The whole listing that follows is to be restated word for word, images excluded.

Provided data below:

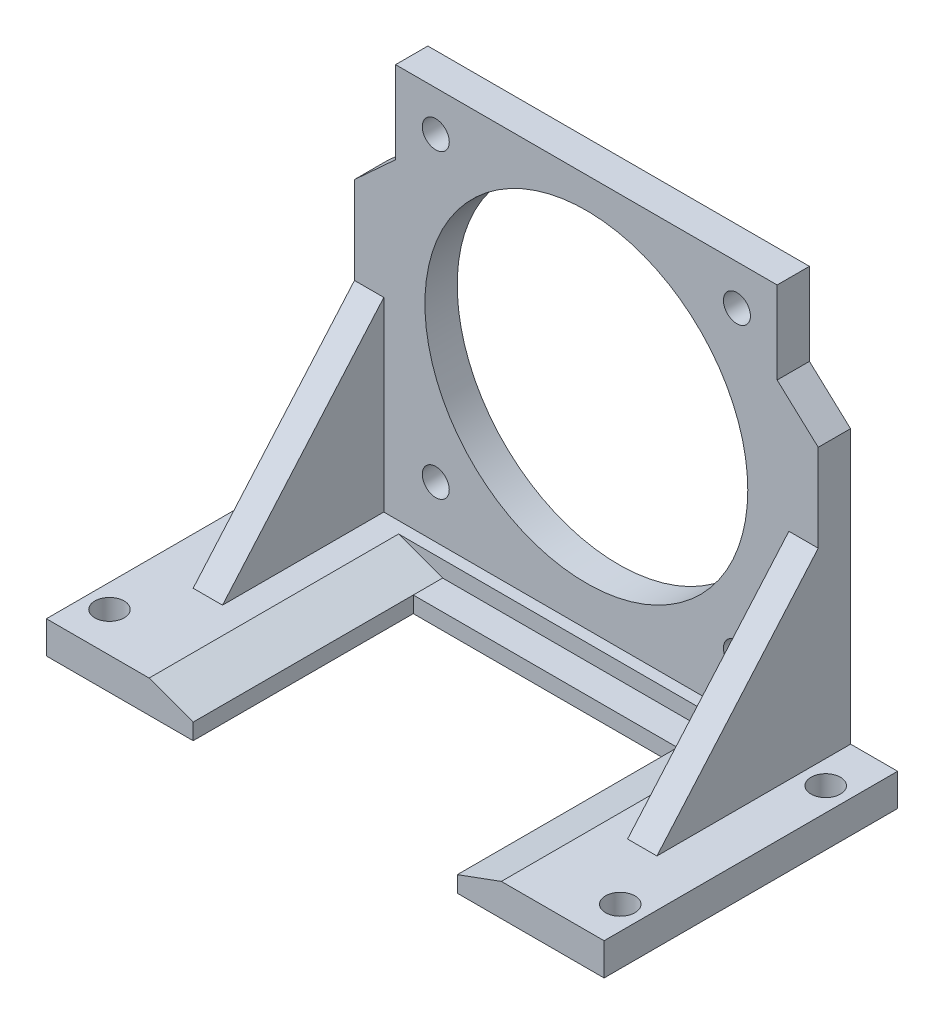
SolidWorks part; units mm, degrees
ref_plane "前视基准面" through (0, 0, 0) normal (0, 0, 1) x (1, 0, 0)
ref_plane "上视基准面" through (0, 0, 0) normal (0, 1, 0) x (1, 0, 0)
ref_plane "右视基准面" through (0, 0, 0) normal (1, 0, 0) x (0, 0, -1)
sketch "草图1" plane through (0, 0, 0) normal (0, 0, 1) x (1, 0, 0)
  line L0 (79, 24.1009) -> (79, 0)
  line L1 (65, -65) -> (-65, -65)
  line L2 (65, -65) -> (65, 65)
  line L3 (65, 65) -> (-65, 65)
  line L4 (-65, -65) -> (-65, 65)
  line L5 (65, -65) -> (-65, 65) construction
  line L6 (65, 65) -> (-65, -65) construction
  line L7 (-65, -65) -> (65, -65)
  line L8 (-65, -65) -> (-65, -69)
  line L9 (-65, -69) -> (65, -69)
  line L10 (65, -65) -> (65, -69)
  line L11 (-79, 0) -> (-79, -69)
  line L12 (-79, -69) -> (-65, -69)
  line L13 (0, 65) -> (0, -65) construction
  line L14 (79, -69) -> (65, -69)
  line L15 (65, 36.9502) -> (79, 24.1009)
  line L16 (79, 0) -> (79, -69)
  line L17 (-65, 36.9502) -> (-79, 24.1009)
  line L18 (-79, 24.1009) -> (-79, 0)
  circle A0 centre (0, -0.5) radius 55
  circle A1 centre (-51.3, 51.3) radius 4.6
  circle A2 centre (51.3, 51.3) radius 4.6
  circle A3 centre (51.3, -51.3) radius 4.6
  circle A4 centre (-51.3, -51.3) radius 4.6
  point P0 (0, 0)
  dimension "D3" = 68.5
  dimension "D4" = 9.2
  dimension "D5" = 102.6
  dimension "D6" = 4
  dimension "D8" = 110
  dimension "D1" = 130
  dimension "D2" = 130
  dimension "D7" = 158
extrude "凸台-拉伸1" add sketch "草图1" along normal mid plane 11
sketch "草图2" plane through (0, -69, 0) normal (0, -1, 0) x (1, 0, 0)
  line L0 (0, 31.1448) -> (0, -33.7851) construction
  line L1 (-95, -5.5432) -> (95, -5.5432)
  line L2 (-95, -5.5432) -> (-95, 94.4568)
  line L3 (-95, 94.4568) -> (-45, 94.4568)
  line L4 (95, -5.5432) -> (95, 94.4568)
  line L6 (-45, 94.4568) -> (-45, 19.4568)
  line L7 (-45, 19.4568) -> (45, 19.4568)
  line L8 (45, 94.4568) -> (45, 19.4568)
  line L9 (45, 94.4568) -> (95, 94.4568)
  circle A0 centre (-87, 80.9568) radius 5
  circle A1 centre (-87, 10.9568) radius 5
  circle A2 centre (87, 10.9568) radius 5
  circle A3 centre (87, 80.9568) radius 5
  dimension "D5" = 70
  dimension "D6" = 16.5
  dimension "D7" = 10
  dimension "D8" = 174
  dimension "D1" = 190
  dimension "D2" = 100
  dimension "D3" = 90
  dimension "D4" = 25
extrude "凸台-拉伸2" add sketch "草图2" along normal blind 11
ref_plane "基准面1" through (74, 0, 0) normal (1, 0, 0) x (0, 0, -1)
sketch "草图3" plane through (74, 0, 0) normal (1, 0, 0) x (0, 0, -1)
  line L0 (-5.5, -5.675) -> (-60.4568, -69)
  line L1 (-5.5, -69) -> (-5.5, -5.675)
  line L2 (5.5432, -69) -> (-94.4568, -69) construction
  line L3 (-60.4568, -69) -> (-5.5, -69)
  line L5 (-5.5, 24.1009) -> (-5.5, -69) construction
extrude "凸台-拉伸3" add sketch "草图3" along normal mid plane 10
mirror "镜向1" about plane through (0, 0, 0) normal (1, 0, 0) of "凸台-拉伸3"
sketch "草图4" plane through (0, 0, 94.4568) normal (0, 0, 1) x (1, 0, 0)
  line L0 (-60, -69) -> (-45, -74.5)
  line L1 (-45, -69) -> (-95, -69) construction
  line L2 (-45, -80) -> (-45, -69) construction
  line L3 (-45, -74.5) -> (45, -74.5)
  line L4 (45, -80) -> (45, -69) construction
  line L5 (0, -69) -> (0, -90.213) construction
  line L6 (69, -69) -> (-69, -69) construction
  line L7 (60, -69) -> (45, -74.5)
  line L8 (-60, -69) -> (60, -69)
  dimension "D1" = 120
extrude "切除-拉伸1" cut sketch "草图4" against normal blind 85

End of Provided data.

● **Solution to this exercise**
SolidWorks part; units mm, degrees
ref_plane "前视基准面" through (0, 0, 0) normal (0, 0, 1) x (1, 0, 0)
ref_plane "上视基准面" through (0, 0, 0) normal (0, 1, 0) x (1, 0, 0)
ref_plane "右视基准面" through (0, 0, 0) normal (1, 0, 0) x (0, 0, -1)
sketch "草图1" plane through (0, 0, 0) normal (0, 0, 1) x (1, 0, 0)
  line L0 (79, 24.1009) -> (79, 0)
  line L1 (65, -65) -> (-65, -65)
  line L2 (65, -65) -> (65, 65)
  line L3 (65, 65) -> (-65, 65)
  line L4 (-65, -65) -> (-65, 65)
  line L5 (65, -65) -> (-65, 65) construction
  line L6 (65, 65) -> (-65, -65) construction
  line L7 (-65, -65) -> (65, -65)
  line L8 (-65, -65) -> (-65, -69)
  line L9 (-65, -69) -> (65, -69)
  line L10 (65, -65) -> (65, -69)
  line L11 (-79, 0) -> (-79, -69)
  line L12 (-79, -69) -> (-65, -69)
  line L13 (0, 65) -> (0, -65) construction
  line L14 (79, -69) -> (65, -69)
  line L15 (65, 36.9502) -> (79, 24.1009)
  line L16 (79, 0) -> (79, -69)
  line L17 (-65, 36.9502) -> (-79, 24.1009)
  line L18 (-79, 24.1009) -> (-79, 0)
  circle A0 centre (0, -0.5) radius 55
  circle A1 centre (-51.3, 51.3) radius 4.6
  circle A2 centre (51.3, 51.3) radius 4.6
  circle A3 centre (51.3, -51.3) radius 4.6
  circle A4 centre (-51.3, -51.3) radius 4.6
  point P0 (0, 0)
  dimension "D3" = 68.5
  dimension "D4" = 9.2
  dimension "D5" = 102.6
  dimension "D6" = 4
  dimension "D8" = 110
  dimension "D1" = 130
  dimension "D2" = 130
  dimension "D7" = 158
extrude "凸台-拉伸1" add sketch "草图1" along normal mid plane 11
sketch "草图2" plane through (0, -69, 0) normal (0, -1, 0) x (1, 0, 0)
  line L0 (0, 31.1448) -> (0, -33.7851) construction
  line L1 (-95, -5.5432) -> (95, -5.5432)
  line L2 (-95, -5.5432) -> (-95, 94.4568)
  line L3 (-95, 94.4568) -> (-45, 94.4568)
  line L4 (95, -5.5432) -> (95, 94.4568)
  line L6 (-45, 94.4568) -> (-45, 19.4568)
  line L7 (-45, 19.4568) -> (45, 19.4568)
  line L8 (45, 94.4568) -> (45, 19.4568)
  line L9 (45, 94.4568) -> (95, 94.4568)
  circle A0 centre (-87, 80.9568) radius 5
  circle A1 centre (-87, 10.9568) radius 5
  circle A2 centre (87, 10.9568) radius 5
  circle A3 centre (87, 80.9568) radius 5
  dimension "D5" = 70
  dimension "D6" = 16.5
  dimension "D7" = 10
  dimension "D8" = 174
  dimension "D1" = 190
  dimension "D2" = 100
  dimension "D3" = 90
  dimension "D4" = 25
extrude "凸台-拉伸2" add sketch "草图2" along normal blind 11
ref_plane "基准面1" through (74, 0, 0) normal (1, 0, 0) x (0, 0, -1)
sketch "草图3" plane through (74, 0, 0) normal (1, 0, 0) x (0, 0, -1)
  line L0 (-5.5, -5.675) -> (-60.4568, -69)
  line L1 (-5.5, -69) -> (-5.5, -5.675)
  line L2 (5.5432, -69) -> (-94.4568, -69) construction
  line L3 (-60.4568, -69) -> (-5.5, -69)
  line L5 (-5.5, 24.1009) -> (-5.5, -69) construction
extrude "凸台-拉伸3" add sketch "草图3" along normal mid plane 10
mirror "镜向1" about plane through (0, 0, 0) normal (1, 0, 0) of "凸台-拉伸3"
sketch "草图4" plane through (0, 0, 94.4568) normal (0, 0, 1) x (1, 0, 0)
  line L0 (-60, -69) -> (-45, -74.5)
  line L1 (-45, -69) -> (-95, -69) construction
  line L2 (-45, -80) -> (-45, -69) construction
  line L3 (-45, -74.5) -> (45, -74.5)
  line L4 (45, -80) -> (45, -69) construction
  line L5 (0, -69) -> (0, -90.213) construction
  line L6 (69, -69) -> (-69, -69) construction
  line L7 (60, -69) -> (45, -74.5)
  line L8 (-60, -69) -> (60, -69)
  dimension "D1" = 120
extrude "切除-拉伸1" cut sketch "草图4" against normal blind 85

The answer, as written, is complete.